Return each line of the records below in which the string "linetype" turns up.

[Opening The data section]

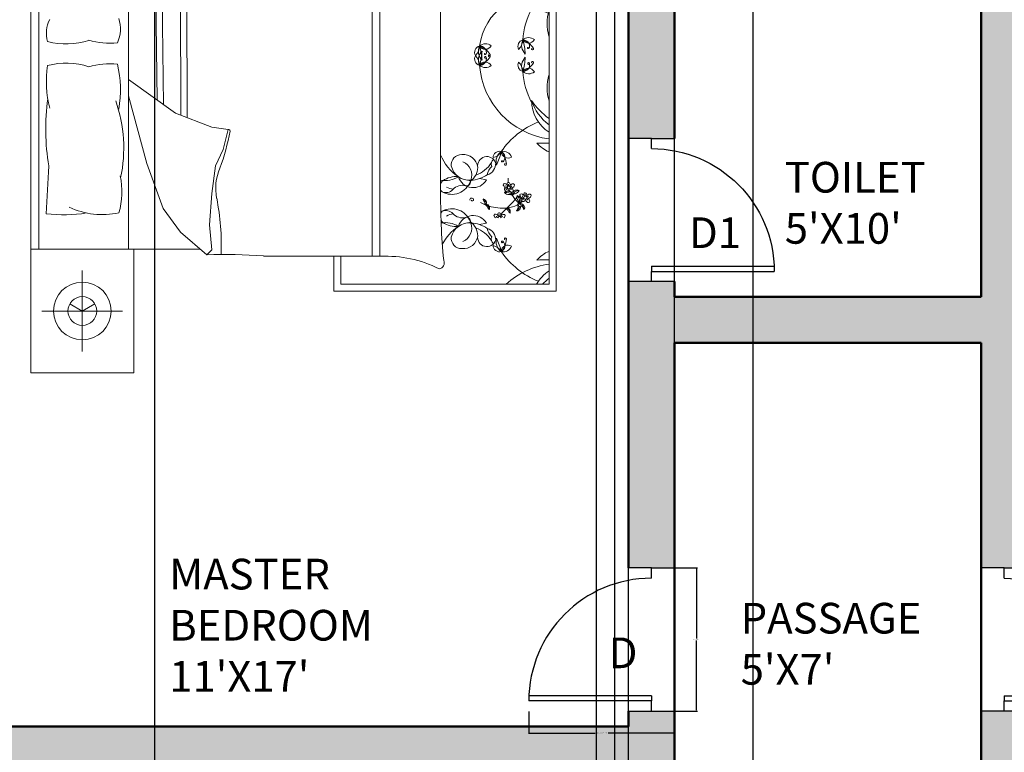
# Model space of a CAD drawing. Units: inches. Extents: x -55 to 413, y -498 to 86.
# Tile 4 of 6: x 45 to 238, y -201 to -57. Entities that reach past the tile are written whole.
import ezdxf

# ---------------------------------------------------------------- set-up
doc = ezdxf.new("R2010")
doc.units = ezdxf.units.IN
doc.header["$MEASUREMENT"] = 0
for name, color, linetype, lineweight in [('A-ANNO-DIMS', 2, 'Continuous', 18), ('A-ANNO-TEXT', 7, 'Continuous', 25), ('A-AREA-IDEN', 7, 'Continuous', 25), ('A-DOOR', 3, 'Continuous', 25), ('A-FURN', 9, 'Continuous', 18), ('A-WALL', 7, 'Continuous', 50), ('A-WALL-PATT', 8, 'Continuous', 13)]:
    doc.layers.add(name, color=color, linetype=linetype, lineweight=lineweight)
doc.styles.get("Standard").update_dxf_attribs({"font": 'arial.ttf'})
doc.dimstyles.get("Standard").update_dxf_attribs({"dimtxt": 0.18, "dimasz": 0.18, "dimexe": 0.18, "dimexo": 0.0625, "dimgap": 0.09, "dimtad": 0, "dimtih": 1, "dimtoh": 1, "dimdec": 0, "dimzin": 0, "dimdsep": 46, "dimlunit": 3, "dimtxsty": 'Standard', "dimcen": 0.09, "dimadec": 0, "dimazin": 0, "dimtfac": 1, "dimtdec": 0, "dimtofl": 0, "dimtmove": 0, "dimatfit": 3, "dimfxl": 1, "dimtolj": 1, "dimtzin": 0, "dimarcsym": 0})

# ---------------------------------------------------------------- blocks, each defined once
blk = doc.blocks.new('BED-DOUBLE-WITH-NIGHTSTANDS')
for p, q in [((0, 0), (0, 120.84)), ((10.07, 100.86), (10.07, 116.65)), ((17.96, 108.75), (2.18, 108.75)), ((59.24, 97.34), (59.24, 104.05)), ((59.24, 104.05), (102.77, 104.05)), ((102.77, 104.05), (102.77, 15.95)), ((60.64, 102.65), (60.64, 97.32)), ((101.37, 102.65), (60.64, 102.65)), ((101.37, 17.35), (101.37, 102.65)), ((1.55, 96.67), (1.55, 24.17)), ((19.1, 24.17), (19.1, 96.67)), ((24.12, 96.35), (24.72, 53.32)), ((25.36, 96.3), (25.98, 52.42)), ((66.77, 97.22), (66.77, 22.78)), ((68.28, 97.33), (68.28, 22.78)), ((29.16, 96.24), (29.34, 50.35)), ((30.4, 96.24), (30.59, 49.88)), ((89.11, 90.74), (87.75, 91)), ((80.15, 84.95), (80.15, 35.89)), ((89.11, 82.29), (87.75, 82.03)), ((19.1, 57.36), (28.31, 50.74)), ((22.69, 40.95), (19.1, 54.13)), ((28.31, 50.74), (35.41, 48.05)), ((35.41, 48.05), (38.59, 47.56)), ((38.59, 47.56), (37.61, 43.64)), ((37.61, 43.64), (36.14, 40.46)), ((25.87, 32.14), (22.69, 40.95)), ((36.14, 40.46), (35.41, 35.08)), ((89.11, 37.7), (87.75, 37.97)), ((35.41, 35.08), (34.92, 28.96)), ((29.29, 27.49), (25.87, 32.14)), ((34.92, 28.96), (35.41, 24.06)), ((89.11, 29.26), (87.75, 28.99)), ((34.43, 23.09), (29.29, 27.49)), ((0, 24.17), (33.17, 24.17)), ((35.41, 24.06), (34.43, 23.09)), ((59.24, 15.95), (59.24, 22.78)), ((60.64, 22.78), (60.64, 17.35)), ((10.07, 19.98), (10.07, 4.19)), ((60.64, 17.35), (101.37, 17.35)), ((102.77, 15.95), (59.24, 15.95)), ((17.96, 12.08), (2.18, 12.08))]:
    blk.add_line(p, q)
for points in [[(0, 96.67), (20.14, 96.67), (20.14, 120.84), (0, 120.84)], [(10.07, 108.75), (7.63, 107.35)], [(10.07, 108.75), (12.51, 107.35)], [(20.14, 24.17), (20.14, 0), (0, 0)], [(10.07, 12.08), (7.63, 13.49)], [(10.07, 12.08), (12.51, 13.49)]]:
    blk.add_lwpolyline(points)
for points in [[(65.82, 97.19, 0.056112), (72.47, 98.06, 0.095341), (78.87, 99.76)], [(3.01, 89.73, -0.074897), (10.9, 89.58, 0.472817)], [(11.35, 65.01, -0.14099), (3.29, 64.77, -0.235245)], [(11.35, 59.85, 0.14099), (3.29, 60.09, 0.235245)], [(3.01, 31.11, 0.074897), (10.9, 31.25, -0.472817)], [(45.49, 22.83, 0.001242), (68.42, 22.78, -0.127202), (79.85, 20.35)]]:
    blk.add_lwpolyline(points, format="xyb")
for centre, radius in [((10.07, 108.75), 5.64), ((10.07, 108.75), 2.82), ((96.74, 85.77), 0.308), ((93.49, 83.76), 0.308), ((93.49, 36.24), 0.308), ((96.74, 34.23), 0.308), ((10.07, 12.08), 5.64), ((10.07, 12.08), 2.82)]:
    blk.add_circle(centre, radius)
for centre, radius, start, end in [((105.05, 87.4), 15.78, 111.4092, 145.6135), ((103.49, 114.39), 15.78, 228.1144, 262.255), ((105.6, 106.48), 7.69, 209.8884, 236.5383), ((107.04, 109.24), 9.58, 223.5186, 233.6964), ((79.49, 98.85), 1.1, 336.5219, 123.8264), ((197.68, 88.65), 117.59, 175.2402, 181.8035), ((33.86, 313.3), 217.13, 266.1, 270.9282), ((41.76, 379.4), 283.23, 269.1145, 274.8735), ((91.72, 95.04), 1.31, 76.272, 177.0484), ((89.73, 97.71), 2.7, 284.7031, 328.6173), ((93.49, 94.28), 2.49, 125.7657, 194.5347), ((81.25, 98.7), 11.04, 332.8176, 347.4827), ((92.4, 94.6), 1.75, 20.9613, 102.2885), ((93.35, 96.35), 1.32, 181.7131, 301.5367), ((89.03, 93.68), 3.99, 2.0648, 41.1598), ((91.43, 95.17), 1.29, 316.2238, 62.3173), ((103.83, 102.17), 6.42, 221.0454, 247.4453), ((100.38, 119.75), 21.83, 266.3481, 272.5919), ((88.66, 99), 9.15, 203.6453, 236.3329), ((84.27, 93.67), 2.04, 88.9462, 185.5144), ((84.56, 92.84), 2.89, 7.1143, 95.0551), ((89.21, 93.5), 1.81, 19.1312, 189.736), ((91.18, 93.88), 1.11, 126.7319, 206.0245), ((92.17, 94.41), 0.103, 20.2667, 316.2271), ((85.78, 94.3), 3.63, 193.079, 274.7067), ((83.46, 91.7), 2.8, 338.5779, 68.4181), ((83.92, 93.34), 3.51, 305.9599, 357.6409), ((85.22, 97.1), 5.7, 288.2955, 328.7386), ((88.67, 93.94), 2.26, 285.6955, 4.031), ((91.68, 91.5), 2.41, 128.4175, 173.8338), ((92.82, 93.82), 0.196, 168.5166, 2.0648), ((92.72, 93.84), 0.0952, 52.0591, 168.5166), ((81.49, 89.45), 1.46, 127.675, 162.5814), ((81.04, 95.65), 5.01, 259.249, 301.1782), ((83.22, 86.74), 4.66, 85.2696, 124.215), ((86.51, 92.24), 3, 196.8663, 330.0915), ((83.22, 86.74), 4.66, 53.6555, 57.2989), ((85.68, 97.15), 6.48, 273.4924, 303.7117), ((-1146.98, 23.12), 1151.92, 2.85022, 3.31479), ((14.07, 74.34), 15.57, 78.2417, 114.8684), ((1.6, 85.42), 16.19, 348.9631, 14.8961), ((81.49, 89.45), 1.46, 196.6343, 225.5483), ((82.34, 91.77), 3.85, 240.8249, 340.7178), ((81.2, 90.06), 1.81, 246.1646, 318.4347), ((83.04, 92.35), 3.47, 240.0851, 262.564), ((84.4, 87.22), 2.48, 74.8529, 138.4347), ((85.25, 90.33), 0.75, 254.8529, 12.6959), ((90.82, 89.21), 0.238, 125.0752, 284.7644), ((91.19, 89.3), 0.513, 127.3642, 168.4363), ((90.79, 89.71), 0.74, 277.4968, 341.2737), ((91.37, 89.36), 0.294, 88.1325, 178.8919), ((91.96, 89.05), 0.636, 136.3462, 189.6513), ((91.6, 88.99), 0.265, 189.6513, 312.3208), ((91.66, 89.72), 0.308, 183.2768, 356.7232), ((92.63, 89.17), 1.01, 164.2829, 186.9148), ((91.44, 89.17), 0.504, 312.3208, 40.2111), ((92.5, 89.73), 0.715, 201.6382, 274.947), ((91.56, 88.75), 0.934, 42.3896, 66.5724), ((100.98, 96.15), 11.47, 217.9541, 226.8459), ((92.23, 89.3), 0.508, 10.9597, 52.2379), ((92.55, 89.26), 0.236, 274.947, 37.5263), ((94.05, 88.22), 0.634, 115.5379, 168.6744), ((91.9, 89.14), 1.91, 329.344, 349.7412), ((90.37, 88.7), 3.41, 352.8698, 1.6736), ((92.47, 77.79), 10.01, 110.1059, 116.9968), ((86.93, 87.31), 1.94, 336.3901, 344.4871), ((89.04, 86.81), 0.246, 83.9457, 185.6216), ((88.06, 87.04), 1.01, 328.836, 0.8141), ((88.58, 86.75), 0.58, 306.5232, 32.4668), ((89.27, 87.2), 0.246, 112.5583, 214.2343), ((89.11, 87.64), 0.58, 265.7131, 351.6568), ((88.6, 87.96), 1.01, 297.3659, 329.344), ((87.84, 88.83), 1.94, 313.6929, 321.7899), ((89.98, 87.5), 0.634, 115.5379, 168.6744), ((87.83, 88.42), 1.91, 329.344, 349.7412), ((92.47, 77.79), 10.01, 86.1723, 106.4158), ((86.31, 87.98), 3.41, 352.8698, 1.6736), ((93.34, 87.92), 0.246, 112.5583, 214.2343), ((93.18, 88.36), 0.58, 265.7131, 351.6568), ((92.67, 88.68), 1.01, 297.3659, 329.344), ((92.72, 82.78), 5.02, 60.7959, 85.244), ((82.04, 75.56), 16.51, 37.8256, 47.7588), ((91.9, 89.55), 1.94, 313.6929, 321.7899), ((99.38, 82.26), 6.02, 130.182, 149.456), ((95.16, 88.01), 0.344, 33.0979, 123.1364), ((87.59, 83.16), 8.99, 31.1156, 34.8118), ((94.67, 87.42), 0.93, 2.3172, 70.5201), ((94.22, 86.41), 1.4, 310.9365, 22.7695), ((95.43, 87.19), 0.268, 135.7354, 318.1297), ((94.99, 87.63), 0.356, 315.7354, 31.1156), ((94.69, 86.87), 0.826, 319.3812, 5.5456), ((95.64, 87.19), 0.268, 68.2452, 250.6395), ((95.02, 87.52), 0.801, 352.6008, 57.1845), ((97.88, 82.14), 5.36, 111.7087, 116.2181), ((92.72, 82.78), 5.02, 47.5083, 55.9967), ((95.78, 87.7), 0.801, 252.8042, 349.6943), ((95.02, 86.27), 0.853, 331.1838, 51.6792), ((95.87, 87.77), 0.356, 248.2452, 323.6254), ((95.55, 87.99), 0.93, 291.7087, 3.0299), ((88.91, 92.89), 8.99, 323.6254, 327.3216), ((96.29, 87.75), 0.344, 325.6077, 55.6462), ((97.67, 85.85), 0.97, 121.9501, 165.2442), ((97.31, 86.42), 0.305, 44.3732, 121.9501), ((82.34, 81.26), 3.85, 19.2822, 119.1751), ((81.2, 82.97), 1.81, 41.5653, 113.8354), ((86.24, 86.19), 0.379, 169.5864, 349.5616), ((86.38, 86.17), 0.233, 349.5616, 167.2949), ((89.11, 86.04), 0.634, 129.5056, 182.6421), ((87.29, 87.51), 1.91, 308.4388, 328.836), ((86.96, 89.06), 3.41, 296.5064, 305.3102), ((93.04, 86.11), 1.4, 253.6301, 325.4631), ((93.43, 84.17), 0.992, 82.0748, 142.6895), ((93.32, 85.53), 1.02, 228.342, 274.9894), ((93.35, 85.36), 0.853, 273.8774, 357.1501), ((93.68, 85.97), 0.826, 262.0748, 308.2393), ((95.01, 85.12), 0.853, 181.4625, 249.4747), ((94.87, 85.79), 0.826, 215.1128, 261.2773), ((95.53, 85.75), 1.4, 197.889, 269.722), ((94.59, 84), 0.992, 20.6625, 81.2773), ((96.07, 85.69), 0.992, 139.3812, 199.9959), ((94.86, 86.33), 1.02, 285.6484, 332.2957), ((95.89, 85.25), 0.238, 125.0752, 284.7644), ((96.26, 85.34), 0.513, 93.635, 168.4363), ((96.19, 86.16), 0.302, 138.2946, 276.2474), ((95.86, 85.76), 0.74, 277.4968, 341.2737), ((96.31, 86.11), 0.42, 358.5719, 143.8954), ((96.45, 85.41), 0.294, 88.1325, 178.8919), ((96.55, 86.44), 0.424, 208.8493, 269.9355), ((96.19, 86.34), 0.484, 274.2123, 318.1587), ((97.04, 85.1), 0.636, 136.3462, 189.6513), ((96.67, 85.04), 0.265, 189.6513, 312.3208), ((97.7, 85.22), 1.01, 164.2829, 186.9148), ((96.51, 85.21), 0.504, 312.3208, 40.2111), ((97.58, 85.78), 0.715, 201.6382, 274.947), ((97, 86.23), 0.204, 262.868, 7.094), ((96.63, 84.8), 0.934, 42.3896, 66.5724), ((96.97, 86.4), 0.607, 278.5614, 22.5914), ((97.31, 85.35), 0.508, 10.9597, 118.7804), ((97.62, 85.3), 0.236, 274.947, 37.5263), ((81.49, 83.58), 1.46, 134.4517, 156.7144), ((81.49, 83.58), 1.46, 203.2856, 232.325), ((83.04, 80.68), 3.47, 97.436, 119.9149), ((84.4, 85.81), 2.48, 221.5653, 285.1471), ((86.51, 80.79), 3, 29.9085, 163.1337), ((85.25, 82.7), 0.75, 347.3041, 105.1471), ((92.65, 83.24), 0.238, 125.0752, 284.7644), ((93.02, 83.33), 0.513, 93.635, 168.4363), ((92.95, 84.14), 0.302, 138.2946, 276.2474), ((92.61, 83.74), 0.74, 277.4968, 341.2737), ((93.06, 84.1), 0.42, 358.5719, 143.8954), ((93.2, 83.4), 0.294, 88.1325, 178.8919), ((93.31, 84.43), 0.424, 208.8493, 269.9355), ((92.95, 84.33), 0.484, 274.2123, 318.1587), ((93.79, 83.09), 0.636, 136.3462, 189.6513), ((93.43, 83.02), 0.265, 189.6513, 312.3208), ((94.45, 83.21), 1.01, 164.2829, 186.9148), ((94.42, 83.84), 0.97, 121.9501, 165.2442), ((93.27, 83.2), 0.504, 312.3208, 40.2111), ((94.33, 83.77), 0.715, 201.6382, 274.947), ((93.75, 84.21), 0.204, 262.868, 7.094), ((93.39, 82.79), 0.934, 42.3896, 66.5724), ((93.73, 84.38), 0.607, 278.5614, 22.5914), ((94.06, 83.34), 0.508, 10.9597, 118.7804), ((99.38, 82.26), 6.02, 156.1523, 156.9499), ((94.07, 84.4), 0.305, 44.3732, 121.9501), ((94.37, 83.29), 0.236, 274.947, 37.5263), ((95.09, 85.27), 1.02, 248.3627, 295.0101), ((2.79, 78.43), 15.38, 333.8761, 16.1746), ((81.04, 77.38), 5.01, 58.8218, 100.2867), ((88.66, 74.03), 9.15, 123.6671, 158.5059), ((83.22, 86.29), 4.66, 235.785, 274.7304), ((85.78, 78.73), 3.63, 85.2933, 166.921), ((83.46, 81.33), 2.8, 291.5819, 21.4221), ((83.22, 86.29), 4.66, 302.7011, 306.3445), ((83.92, 79.69), 3.51, 2.3591, 54.0401), ((85.68, 75.88), 6.48, 56.2883, 86.5076), ((85.22, 75.93), 5.7, 31.2614, 71.7045), ((91.68, 81.53), 2.41, 186.1662, 231.5825), ((88.67, 79.09), 2.26, 355.969, 74.3045), ((99.38, 82.26), 6.02, 175.2415, 182.8929), ((24.16, 75.39), 21.24, 166.3427, 191.1841), ((84.27, 79.36), 2.04, 174.4856, 271.0538), ((84.56, 80.19), 2.89, 264.9449, 352.8857), ((89.21, 79.53), 1.81, 170.264, 340.8688), ((91.18, 79.16), 1.11, 153.9755, 233.2681), ((93.49, 78.75), 2.49, 165.4653, 234.2343), ((81.25, 74.33), 11.04, 12.5173, 27.1824), ((89.03, 79.35), 3.99, 318.8402, 357.9352), ((92.82, 79.21), 0.196, 357.9352, 191.4834), ((92.72, 79.19), 0.0952, 191.4834, 307.9409), ((91.72, 77.99), 1.31, 182.9516, 283.728), ((89.73, 75.32), 2.7, 31.3827, 75.2969), ((91.43, 77.86), 1.29, 297.6827, 43.7762), ((93.35, 76.68), 1.32, 58.4633, 178.2869), ((92.4, 78.43), 1.75, 257.7115, 339.0387), ((92.24, 78.64), 0.171, 43.7762, 339.7183), ((105.05, 85.63), 15.78, 214.3865, 248.5908), ((103.83, 70.86), 6.42, 112.5547, 138.9546), ((100.38, 53.28), 21.83, 87.4081, 93.6519), ((99.85, 62.15), 12.21, 82.8636, 171.8197), ((100.7, 70.21), 2.83, 76.3898, 169.0739), ((100.31, 68.09), 3.58, 72.8609, 131.9049), ((111.94, 63.87), 15.78, 152.5854, 175.5377), ((98.73, 63.73), 7.06, 68.117, 96.6195), ((109.66, 68.29), 8.68, 162.9798, 196.4569), ((9.04, 66.43), 5.98, 153.3437, 196.1026), ((11.12, 67.24), 6.41, 335.0183, 18.5407), ((97.39, 63.8), 1.75, 50.8855, 132.2127), ((114.13, 64.85), 12.83, 174.3643, 175.6213), ((122.92, 58.09), 22.93, 160.0972, 160.2783), ((15.38, 79.26), 14.81, 254.1707, 275.9871), ((88.12, 62.64), 1.31, 106.1963, 206.9726), ((85.07, 63.96), 2.7, 314.6273, 358.5415), ((90.03, 62.87), 2.49, 155.6899, 224.4589), ((88.94, 62.6), 1.75, 50.8855, 132.2127), ((88.88, 64.58), 1.32, 211.6373, 331.4609), ((87.81, 62.6), 1.29, 346.148, 92.2415), ((86.47, 60.12), 3.99, 31.989, 71.0841), ((77.23, 60.59), 11.04, 2.7418, 17.407), ((96.58, 63.84), 1.31, 106.1963, 206.9726), ((93.52, 65.17), 2.7, 314.6273, 358.5415), ((98.49, 64.07), 2.49, 155.6899, 224.4589), ((97.33, 65.79), 1.32, 211.6373, 331.4609), ((94.92, 61.33), 3.99, 31.989, 71.0841), ((85.68, 61.8), 11.04, 2.7418, 17.407), ((96.26, 63.81), 1.29, 346.148, 92.2415), ((97.28, 63.53), 0.103, 50.1909, 346.0209), ((88.12, 61.39), 1.31, 153.0274, 253.8037), ((85.07, 60.06), 2.7, 1.4585, 45.3727), ((90.03, 61.16), 2.49, 135.5411, 204.3101), ((77.23, 63.43), 11.04, 342.593, 357.2582), ((86.47, 63.91), 3.99, 288.9159, 328.011), ((87.81, 61.42), 1.29, 267.7585, 13.852), ((88.83, 62.32), 0.103, 50.1909, 346.0209), ((88.9, 61.69), 0.171, 13.852, 309.9245), ((89.59, 62.1), 0.0952, 81.9833, 198.4408), ((89.59, 61.93), 0.0952, 161.5592, 278.0167), ((89.68, 62.13), 0.196, 198.4408, 31.989), ((89.68, 61.9), 0.196, 328.011, 161.5592), ((98.49, 59.95), 2.49, 135.5411, 204.3101), ((85.68, 62.23), 11.04, 342.593, 357.2582), ((98.14, 63.34), 0.196, 198.4408, 31.989), ((98.04, 63.3), 0.0952, 81.9833, 198.4408), ((24.59, 56.92), 21.53, 171.5249, 193.96), ((15.38, 45.61), 14.81, 84.0129, 105.8293), ((-3.78, 55.31), 21.31, 349.8617, 13.6238), ((88.88, 59.44), 1.32, 28.5391, 148.3627), ((88.94, 61.43), 1.75, 227.7873, 309.1145), ((103.49, 61.36), 15.78, 184.4623, 262.255), ((96.58, 60.18), 1.31, 153.0274, 253.8037), ((93.52, 58.85), 2.7, 1.4585, 45.3727), ((94.92, 62.7), 3.99, 288.9159, 328.011), ((96.26, 60.21), 1.29, 267.7585, 13.852), ((97.35, 60.48), 0.171, 13.852, 309.9245), ((98.14, 60.69), 0.196, 328.011, 161.5592), ((98.04, 60.72), 0.0952, 161.5592, 278.0167), ((97.33, 58.23), 1.32, 28.5391, 148.3627), ((97.39, 60.22), 1.75, 227.7873, 309.1145), ((111.94, 60.15), 15.78, 184.4623, 207.4146), ((109.66, 55.74), 8.68, 163.5431, 197.0202), ((114.13, 59.18), 12.83, 184.3787, 185.6357), ((122.92, 65.93), 22.93, 199.7217, 199.9028), ((46.74, 47.67), 43.83, 172.2196, 189.497), ((-9.91, 43.94), 28.09, 348.0397, 19.2615), ((105.6, 53.44), 7.69, 181.272, 236.5383), ((109.73, 61.24), 14.25, 214.0123, 234.053), ((107.04, 56.21), 9.58, 197.8504, 233.6964), ((105.05, 34.36), 15.78, 111.4092, 145.6135), ((-7.08, 55.95), 46.86, 340.1194, 349.3383), ((38.69, 47.29), 0.292, 358.8623, 109.7536), ((100.38, 66.71), 21.83, 266.3481, 272.5919), ((103.83, 49.14), 6.42, 221.0454, 247.4453), ((88.66, 45.97), 9.15, 201.4941, 236.3329), ((84.27, 40.64), 2.04, 88.9462, 185.5144), ((84.56, 39.8), 2.89, 7.1143, 95.0551), ((91.72, 42), 1.31, 76.272, 177.0484), ((89.73, 44.68), 2.7, 284.7031, 328.6173), ((93.49, 41.25), 2.49, 125.7657, 194.5347), ((81.25, 45.67), 11.04, 332.8176, 347.4827), ((92.4, 41.56), 1.75, 20.9613, 102.2885), ((91.43, 42.13), 1.29, 316.2238, 62.3173), ((89.03, 40.65), 3.99, 2.0648, 41.1598), ((93.35, 43.31), 1.32, 181.7131, 301.5367), ((83.46, 38.67), 2.8, 338.5779, 68.4181), ((85.22, 44.06), 5.7, 288.2955, 328.7386), ((89.21, 40.47), 1.81, 19.1312, 189.736), ((88.67, 40.9), 2.26, 285.6955, 4.031), ((91.18, 40.84), 1.11, 126.7319, 206.0245), ((92.17, 41.37), 0.103, 20.2667, 316.2271), ((92.82, 40.78), 0.196, 168.5166, 2.0648), ((92.72, 40.8), 0.0952, 52.0591, 168.5166), ((-1146.98, 97.71), 1151.92, 356.68521, 357.14978), ((1.6, 35.42), 16.19, 345.1039, 11.0369), ((46, 36.05), 9.84, 156.2616, 191.3392), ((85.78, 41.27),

[Closing The data section]

-- Output below --
for name, color, linetype, lineweight in [('A-ANNO-DIMS', 2, 'Continuous', 18), ('A-ANNO-TEXT', 7, 'Continuous', 25), ('A-AREA-IDEN', 7, 'Continuous', 25), ('A-DOOR', 3, 'Continuous', 25), ('A-FURN', 9, 'Continuous', 18), ('A-WALL', 7, 'Continuous', 50), ('A-WALL-PATT', 8, 'Continuous', 13)]:
    doc.layers.add(name, color=color, linetype=linetype, lineweight=lineweight)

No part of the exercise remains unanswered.